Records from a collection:
+---+

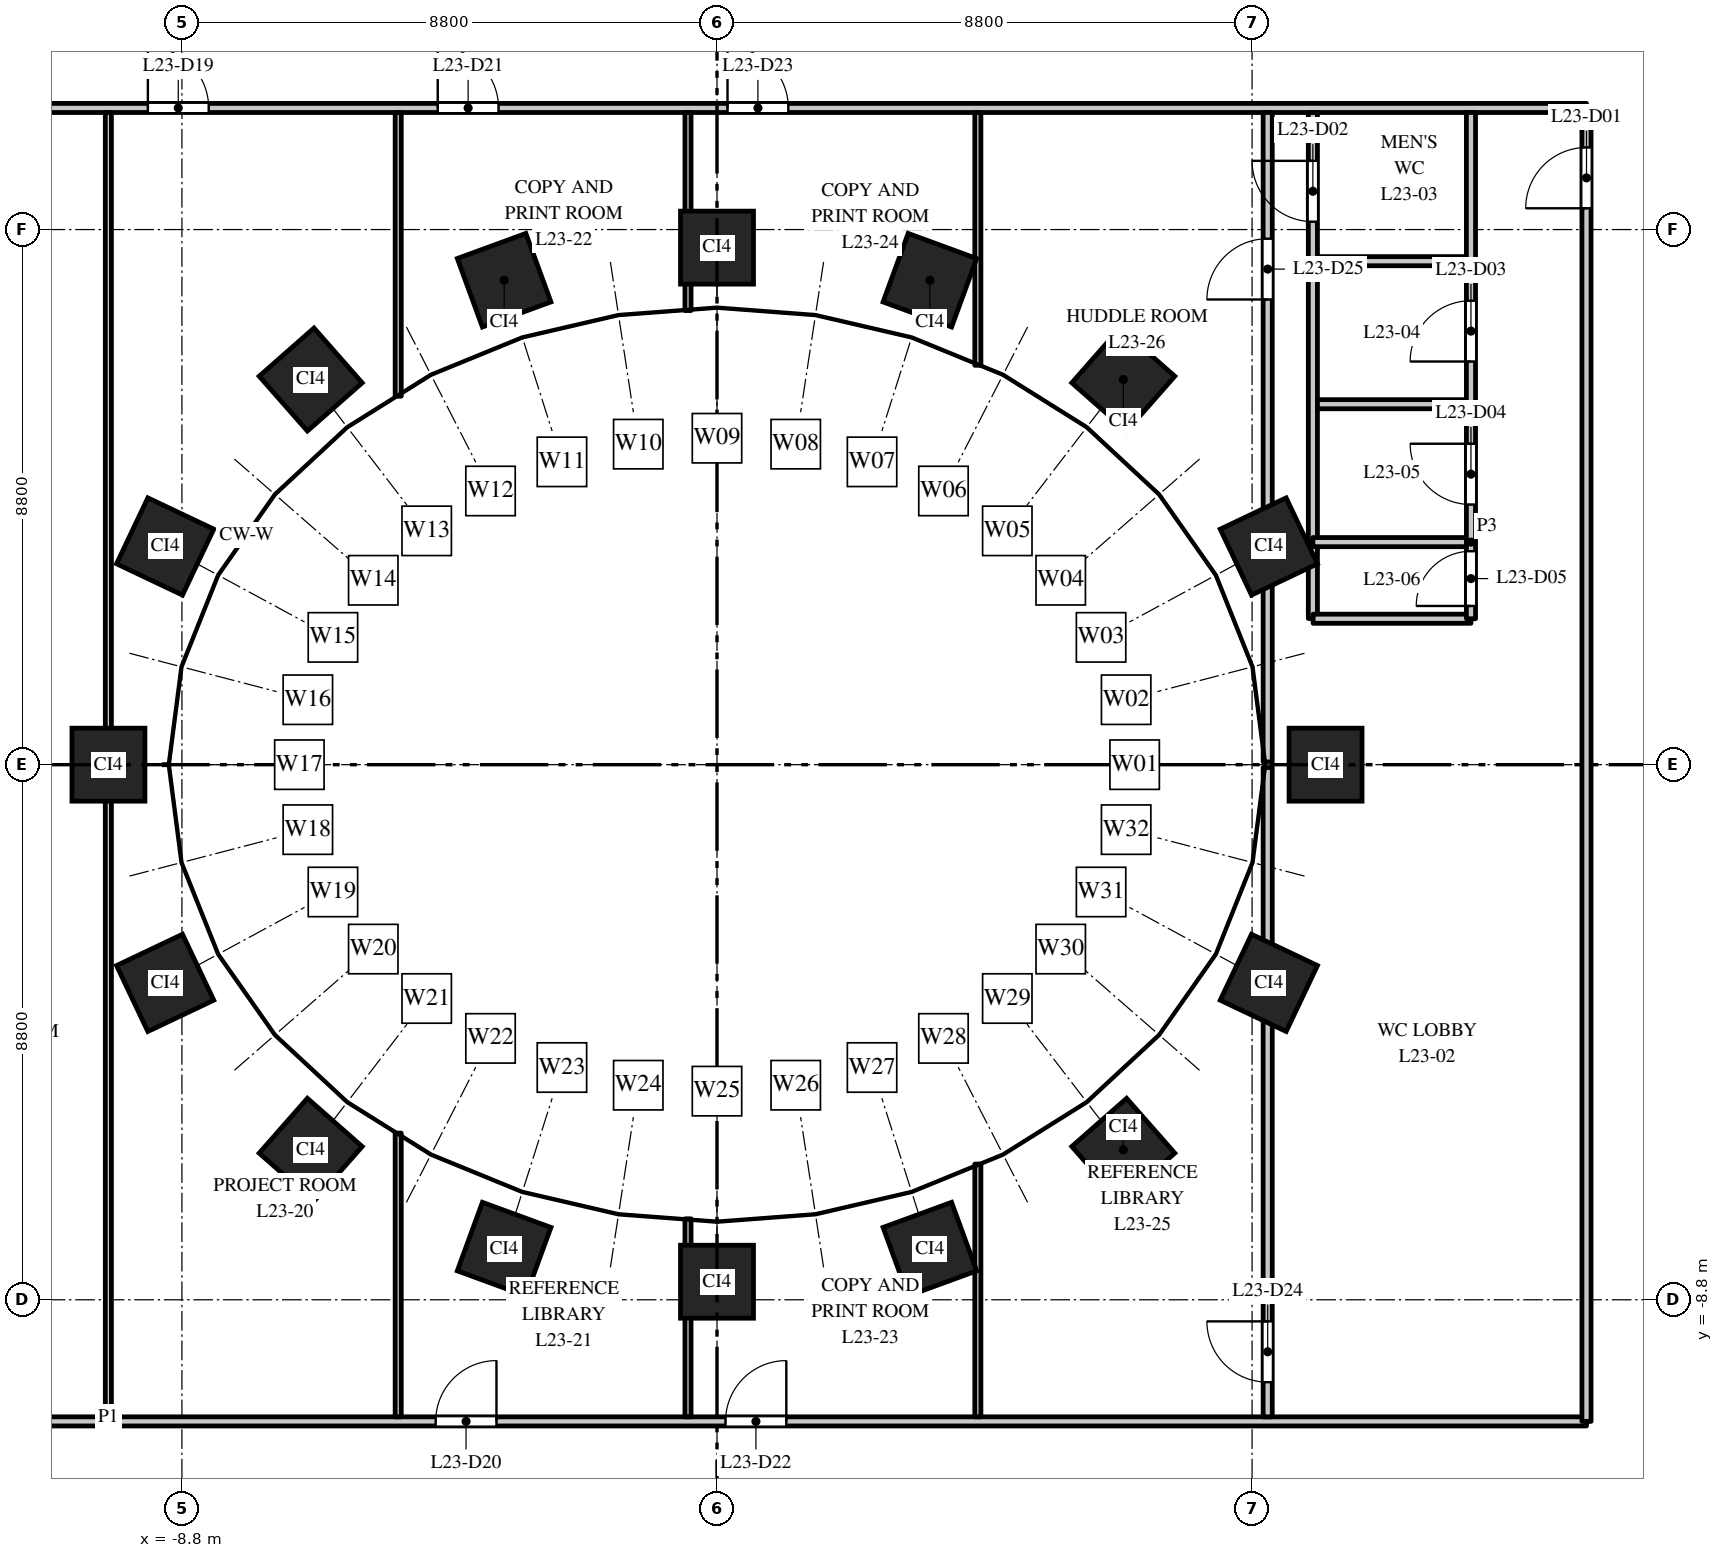
"""IFC4 building model, lengths in metres.
Left out: names, types, materials, properties, quantities, classifications, styles, units other than length and angle.
Written with IfcOpenShell. Run it as: python <this file> out.ifc"""

import sys

from ifc_helpers import new_model, si_unit, direction, frame, frame_2d, origin, origin_2d, place, context, subcontext, project, spatial, rectangle, extrude, element, fill, save


model = new_model("IFC4")
c1 = context("Model", 3, precision=1e-05, world=origin(), true_north=direction((0.0, 1.0)))
c2 = subcontext(c1, "Body", "Model", "MODEL_VIEW")
j1 = project(units=[si_unit("LENGTHUNIT", "METRE"), si_unit("PLANEANGLEUNIT", "RADIAN")], contexts=[c1])
p1 = place(None, origin())
s1 = spatial("IfcSite", under=j1, at=p1, CompositionType="ELEMENT")
p2 = place(p1, origin())
s2 = spatial("IfcBuilding", under=s1, at=p2, CompositionType="ELEMENT")
p3 = place(p2, frame((0.0, 0.0, 104.0)))
s3 = spatial("IfcBuildingStorey", under=s2, at=p3, CompositionType="ELEMENT", Elevation=104.0)
for number, where, z_axis, x_axis in (
    (1, (10.008, 0.0, 0.0), (0.0, 0.0, 1.0), (0.0, 1.0, 0.0)),
    (2, (9.076, 3.588, 0.0), (0.0, 0.0, 1.0), (-0.429, 0.903, 0.0)),
    (3, (6.682, 6.334, 0.0), (0.0, 0.0, 1.0), (-0.751, 0.66, 0.0)),
    (4, (3.501, 7.967, 0.0), (0.0, 0.0, 1.0), (-0.939, 0.344, 0.0)),
    (5, (0.0, 8.503, 0.0), (0.0, 0.0, 1.0), (-1.0, 0.0, 0.0)),
    (6, (-3.501, 7.967, 0.0), (0.0, 0.0, 1.0), (-0.939, -0.344, 0.0)),
    (7, (-6.682, 6.334, 0.0), (0.0, 0.0, 1.0), (-0.751, -0.66, 0.0)),
    (8, (-9.076, 3.588, 0.0), (0.0, 0.0, 1.0), (-0.429, -0.903, 0.0)),
    (9, (-10.008, 0.0, 0.0), (0.0, 0.0, 1.0), (0.0, -1.0, 0.0)),
    (10, (-9.076, -3.588, 0.0), (0.0, 0.0, 1.0), (0.429, -0.903, 0.0)),
    (11, (-6.682, -6.334, 0.0), (0.0, 0.0, 1.0), (0.751, -0.66, 0.0)),
    (12, (-3.501, -7.967, 0.0), (0.0, 0.0, 1.0), (0.939, -0.344, 0.0)),
    (13, (0.0, -8.503, 0.0), (0.0, 0.0, 1.0), (1.0, 0.0, 0.0)),
    (14, (3.501, -7.967, 0.0), (0.0, 0.0, 1.0), (0.939, 0.344, 0.0)),
    (15, (6.682, -6.334, 0.0), (0.0, 0.0, 1.0), (0.751, 0.66, 0.0)),
    (16, (9.076, -3.588, 0.0), (0.0, 0.0, 1.0), (0.429, 0.903, 0.0)),
):
    element("IfcColumn", number, at=place(p3, frame(where, z_axis=z_axis, x_axis=x_axis)), inside=s3, PredefinedType="COLUMN", context=c2, shape_type="SweptSolid", body=[
        extrude(rectangle(XDim=1.2, YDim=1.2, at=origin_2d()), origin(), (0.0, 0.0, 1.0), 4.0),
    ])
p4 = place(p3, frame((-14.3, -10.8, 0.0), z_axis=(0.0, 0.0, 1.0), x_axis=(1.0, 0.0, 0.0)))
e17 = element("IfcWall", 17, at=p4, inside=s3, PredefinedType="PARTITIONING", context=c2, shape_type="SweptSolid", body=[
    extrude(rectangle(XDim=28.6, YDim=0.15, at=frame_2d((14.3, 0.0))), origin(), (0.0, 0.0, 1.0), 2.85),
])
p5 = place(p4, frame((9.673, 0.0, 0.0)))
e18 = element("IfcOpeningElement", 18, at=p5, cuts=e17, PredefinedType="OPENING", context=c2, shape_type="SweptSolid", body=[
    extrude(rectangle(XDim=1.0, YDim=2.1, at=frame_2d((0.5, 1.05))), frame((0.0, 0.085, 0.0), z_axis=(0.0, -1.0, 0.0), x_axis=(1.0, 0.0, 0.0)), (0.0, 0.0, 1.0), 0.17),
])
p6 = place(p4, frame((14.44, 0.0, 0.0)))
e19 = element("IfcOpeningElement", 19, at=p6, cuts=e17, PredefinedType="OPENING", context=c2, shape_type="SweptSolid", body=[
    extrude(rectangle(XDim=1.0, YDim=2.1, at=frame_2d((0.5, 1.05))), frame((0.0, 0.085, 0.0), z_axis=(0.0, -1.0, 0.0), x_axis=(1.0, 0.0, 0.0)), (0.0, 0.0, 1.0), 0.17),
])
p7 = place(p3, frame((-14.3, 10.8, 0.0), z_axis=(0.0, 0.0, 1.0), x_axis=(1.0, 0.0, 0.0)))
e20 = element("IfcWall", 20, at=p7, inside=s3, PredefinedType="PARTITIONING", context=c2, shape_type="SweptSolid", body=[
    extrude(rectangle(XDim=28.6, YDim=0.15, at=frame_2d((14.3, 0.0))), origin(), (0.0, 0.0, 1.0), 2.85),
])
p8 = place(p7, frame((4.94, 0.0, 0.0)))
e21 = element("IfcOpeningElement", 21, at=p8, cuts=e20, PredefinedType="OPENING", context=c2, shape_type="SweptSolid", body=[
    extrude(rectangle(XDim=1.0, YDim=2.1, at=frame_2d((0.5, 1.05))), frame((0.0, 0.085, 0.0), z_axis=(0.0, -1.0, 0.0), x_axis=(1.0, 0.0, 0.0)), (0.0, 0.0, 1.0), 0.17),
])
p9 = place(p7, frame((9.707, 0.0, 0.0)))
e22 = element("IfcOpeningElement", 22, at=p9, cuts=e20, PredefinedType="OPENING", context=c2, shape_type="SweptSolid", body=[
    extrude(rectangle(XDim=1.0, YDim=2.1, at=frame_2d((0.5, 1.05))), frame((0.0, 0.085, 0.0), z_axis=(0.0, -1.0, 0.0), x_axis=(1.0, 0.0, 0.0)), (0.0, 0.0, 1.0), 0.17),
])
p10 = place(p7, frame((14.473, 0.0, 0.0)))
e23 = element("IfcOpeningElement", 23, at=p10, cuts=e20, PredefinedType="OPENING", context=c2, shape_type="SweptSolid", body=[
    extrude(rectangle(XDim=1.0, YDim=2.1, at=frame_2d((0.5, 1.05))), frame((0.0, 0.085, 0.0), z_axis=(0.0, -1.0, 0.0), x_axis=(1.0, 0.0, 0.0)), (0.0, 0.0, 1.0), 0.17),
])
p11 = place(p3, frame((-10.01, -10.725, 0.0), z_axis=(0.0, 0.0, 1.0), x_axis=(0.0, 1.0, 0.0)))
e24 = element("IfcWall", 24, at=p11, inside=s3, PredefinedType="PARTITIONING", context=c2, shape_type="SweptSolid", body=[
    extrude(rectangle(XDim=21.45, YDim=0.1, at=frame_2d((10.725, 0.0))), origin(), (0.0, 0.0, 1.0), 2.75),
])
for number, where, z_axis, x_axis in (
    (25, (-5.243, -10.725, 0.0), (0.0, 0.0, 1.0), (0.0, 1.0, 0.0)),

+---+

ACTIVITY: Return all the lines above exactly; none of the pictures should appear.

SOLUTION FOR THIS EXERCISE:
"""IFC4 building model, lengths in metres.
Left out: names, types, materials, properties, quantities, classifications, styles, units other than length and angle.
Written with IfcOpenShell. Run it as: python <this file> out.ifc"""

import sys

from ifc_helpers import new_model, si_unit, direction, frame, frame_2d, origin, origin_2d, place, context, subcontext, project, spatial, rectangle, extrude, element, fill, save


model = new_model("IFC4")
c1 = context("Model", 3, precision=1e-05, world=origin(), true_north=direction((0.0, 1.0)))
c2 = subcontext(c1, "Body", "Model", "MODEL_VIEW")
j1 = project(units=[si_unit("LENGTHUNIT", "METRE"), si_unit("PLANEANGLEUNIT", "RADIAN")], contexts=[c1])
p1 = place(None, origin())
s1 = spatial("IfcSite", under=j1, at=p1, CompositionType="ELEMENT")
p2 = place(p1, origin())
s2 = spatial("IfcBuilding", under=s1, at=p2, CompositionType="ELEMENT")
p3 = place(p2, frame((0.0, 0.0, 104.0)))
s3 = spatial("IfcBuildingStorey", under=s2, at=p3, CompositionType="ELEMENT", Elevation=104.0)
for number, where, z_axis, x_axis in (
    (1, (10.008, 0.0, 0.0), (0.0, 0.0, 1.0), (0.0, 1.0, 0.0)),
    (2, (9.076, 3.588, 0.0), (0.0, 0.0, 1.0), (-0.429, 0.903, 0.0)),
    (3, (6.682, 6.334, 0.0), (0.0, 0.0, 1.0), (-0.751, 0.66, 0.0)),
    (4, (3.501, 7.967, 0.0), (0.0, 0.0, 1.0), (-0.939, 0.344, 0.0)),
    (5, (0.0, 8.503, 0.0), (0.0, 0.0, 1.0), (-1.0, 0.0, 0.0)),
    (6, (-3.501, 7.967, 0.0), (0.0, 0.0, 1.0), (-0.939, -0.344, 0.0)),
    (7, (-6.682, 6.334, 0.0), (0.0, 0.0, 1.0), (-0.751, -0.66, 0.0)),
    (8, (-9.076, 3.588, 0.0), (0.0, 0.0, 1.0), (-0.429, -0.903, 0.0)),
    (9, (-10.008, 0.0, 0.0), (0.0, 0.0, 1.0), (0.0, -1.0, 0.0)),
    (10, (-9.076, -3.588, 0.0), (0.0, 0.0, 1.0), (0.429, -0.903, 0.0)),
    (11, (-6.682, -6.334, 0.0), (0.0, 0.0, 1.0), (0.751, -0.66, 0.0)),
    (12, (-3.501, -7.967, 0.0), (0.0, 0.0, 1.0), (0.939, -0.344, 0.0)),
    (13, (0.0, -8.503, 0.0), (0.0, 0.0, 1.0), (1.0, 0.0, 0.0)),
    (14, (3.501, -7.967, 0.0), (0.0, 0.0, 1.0), (0.939, 0.344, 0.0)),
    (15, (6.682, -6.334, 0.0), (0.0, 0.0, 1.0), (0.751, 0.66, 0.0)),
    (16, (9.076, -3.588, 0.0), (0.0, 0.0, 1.0), (0.429, 0.903, 0.0)),
):
    element("IfcColumn", number, at=place(p3, frame(where, z_axis=z_axis, x_axis=x_axis)), inside=s3, PredefinedType="COLUMN", context=c2, shape_type="SweptSolid", body=[
        extrude(rectangle(XDim=1.2, YDim=1.2, at=origin_2d()), origin(), (0.0, 0.0, 1.0), 4.0),
    ])
p4 = place(p3, frame((-14.3, -10.8, 0.0), z_axis=(0.0, 0.0, 1.0), x_axis=(1.0, 0.0, 0.0)))
e17 = element("IfcWall", 17, at=p4, inside=s3, PredefinedType="PARTITIONING", context=c2, shape_type="SweptSolid", body=[
    extrude(rectangle(XDim=28.6, YDim=0.15, at=frame_2d((14.3, 0.0))), origin(), (0.0, 0.0, 1.0), 2.85),
])
p5 = place(p4, frame((9.673, 0.0, 0.0)))
e18 = element("IfcOpeningElement", 18, at=p5, cuts=e17, PredefinedType="OPENING", context=c2, shape_type="SweptSolid", body=[
    extrude(rectangle(XDim=1.0, YDim=2.1, at=frame_2d((0.5, 1.05))), frame((0.0, 0.085, 0.0), z_axis=(0.0, -1.0, 0.0), x_axis=(1.0, 0.0, 0.0)), (0.0, 0.0, 1.0), 0.17),
])
p6 = place(p4, frame((14.44, 0.0, 0.0)))
e19 = element("IfcOpeningElement", 19, at=p6, cuts=e17, PredefinedType="OPENING", context=c2, shape_type="SweptSolid", body=[
    extrude(rectangle(XDim=1.0, YDim=2.1, at=frame_2d((0.5, 1.05))), frame((0.0, 0.085, 0.0), z_axis=(0.0, -1.0, 0.0), x_axis=(1.0, 0.0, 0.0)), (0.0, 0.0, 1.0), 0.17),
])
p7 = place(p3, frame((-14.3, 10.8, 0.0), z_axis=(0.0, 0.0, 1.0), x_axis=(1.0, 0.0, 0.0)))
e20 = element("IfcWall", 20, at=p7, inside=s3, PredefinedType="PARTITIONING", context=c2, shape_type="SweptSolid", body=[
    extrude(rectangle(XDim=28.6, YDim=0.15, at=frame_2d((14.3, 0.0))), origin(), (0.0, 0.0, 1.0), 2.85),
])
p8 = place(p7, frame((4.94, 0.0, 0.0)))
e21 = element("IfcOpeningElement", 21, at=p8, cuts=e20, PredefinedType="OPENING", context=c2, shape_type="SweptSolid", body=[
    extrude(rectangle(XDim=1.0, YDim=2.1, at=frame_2d((0.5, 1.05))), frame((0.0, 0.085, 0.0), z_axis=(0.0, -1.0, 0.0), x_axis=(1.0, 0.0, 0.0)), (0.0, 0.0, 1.0), 0.17),
])
p9 = place(p7, frame((9.707, 0.0, 0.0)))
e22 = element("IfcOpeningElement", 22, at=p9, cuts=e20, PredefinedType="OPENING", context=c2, shape_type="SweptSolid", body=[
    extrude(rectangle(XDim=1.0, YDim=2.1, at=frame_2d((0.5, 1.05))), frame((0.0, 0.085, 0.0), z_axis=(0.0, -1.0, 0.0), x_axis=(1.0, 0.0, 0.0)), (0.0, 0.0, 1.0), 0.17),
])
p10 = place(p7, frame((14.473, 0.0, 0.0)))
e23 = element("IfcOpeningElement", 23, at=p10, cuts=e20, PredefinedType="OPENING", context=c2, shape_type="SweptSolid", body=[
    extrude(rectangle(XDim=1.0, YDim=2.1, at=frame_2d((0.5, 1.05))), frame((0.0, 0.085, 0.0), z_axis=(0.0, -1.0, 0.0), x_axis=(1.0, 0.0, 0.0)), (0.0, 0.0, 1.0), 0.17),
])
p11 = place(p3, frame((-10.01, -10.725, 0.0), z_axis=(0.0, 0.0, 1.0), x_axis=(0.0, 1.0, 0.0)))
e24 = element("IfcWall", 24, at=p11, inside=s3, PredefinedType="PARTITIONING", context=c2, shape_type="SweptSolid", body=[
    extrude(rectangle(XDim=21.45, YDim=0.1, at=frame_2d((10.725, 0.0))), origin(), (0.0, 0.0, 1.0), 2.75),
])
for number, where, z_axis, x_axis in (
    (25, (-5.243, -10.725, 0.0), (0.0, 0.0, 1.0), (0.0, 1.0, 0.0)),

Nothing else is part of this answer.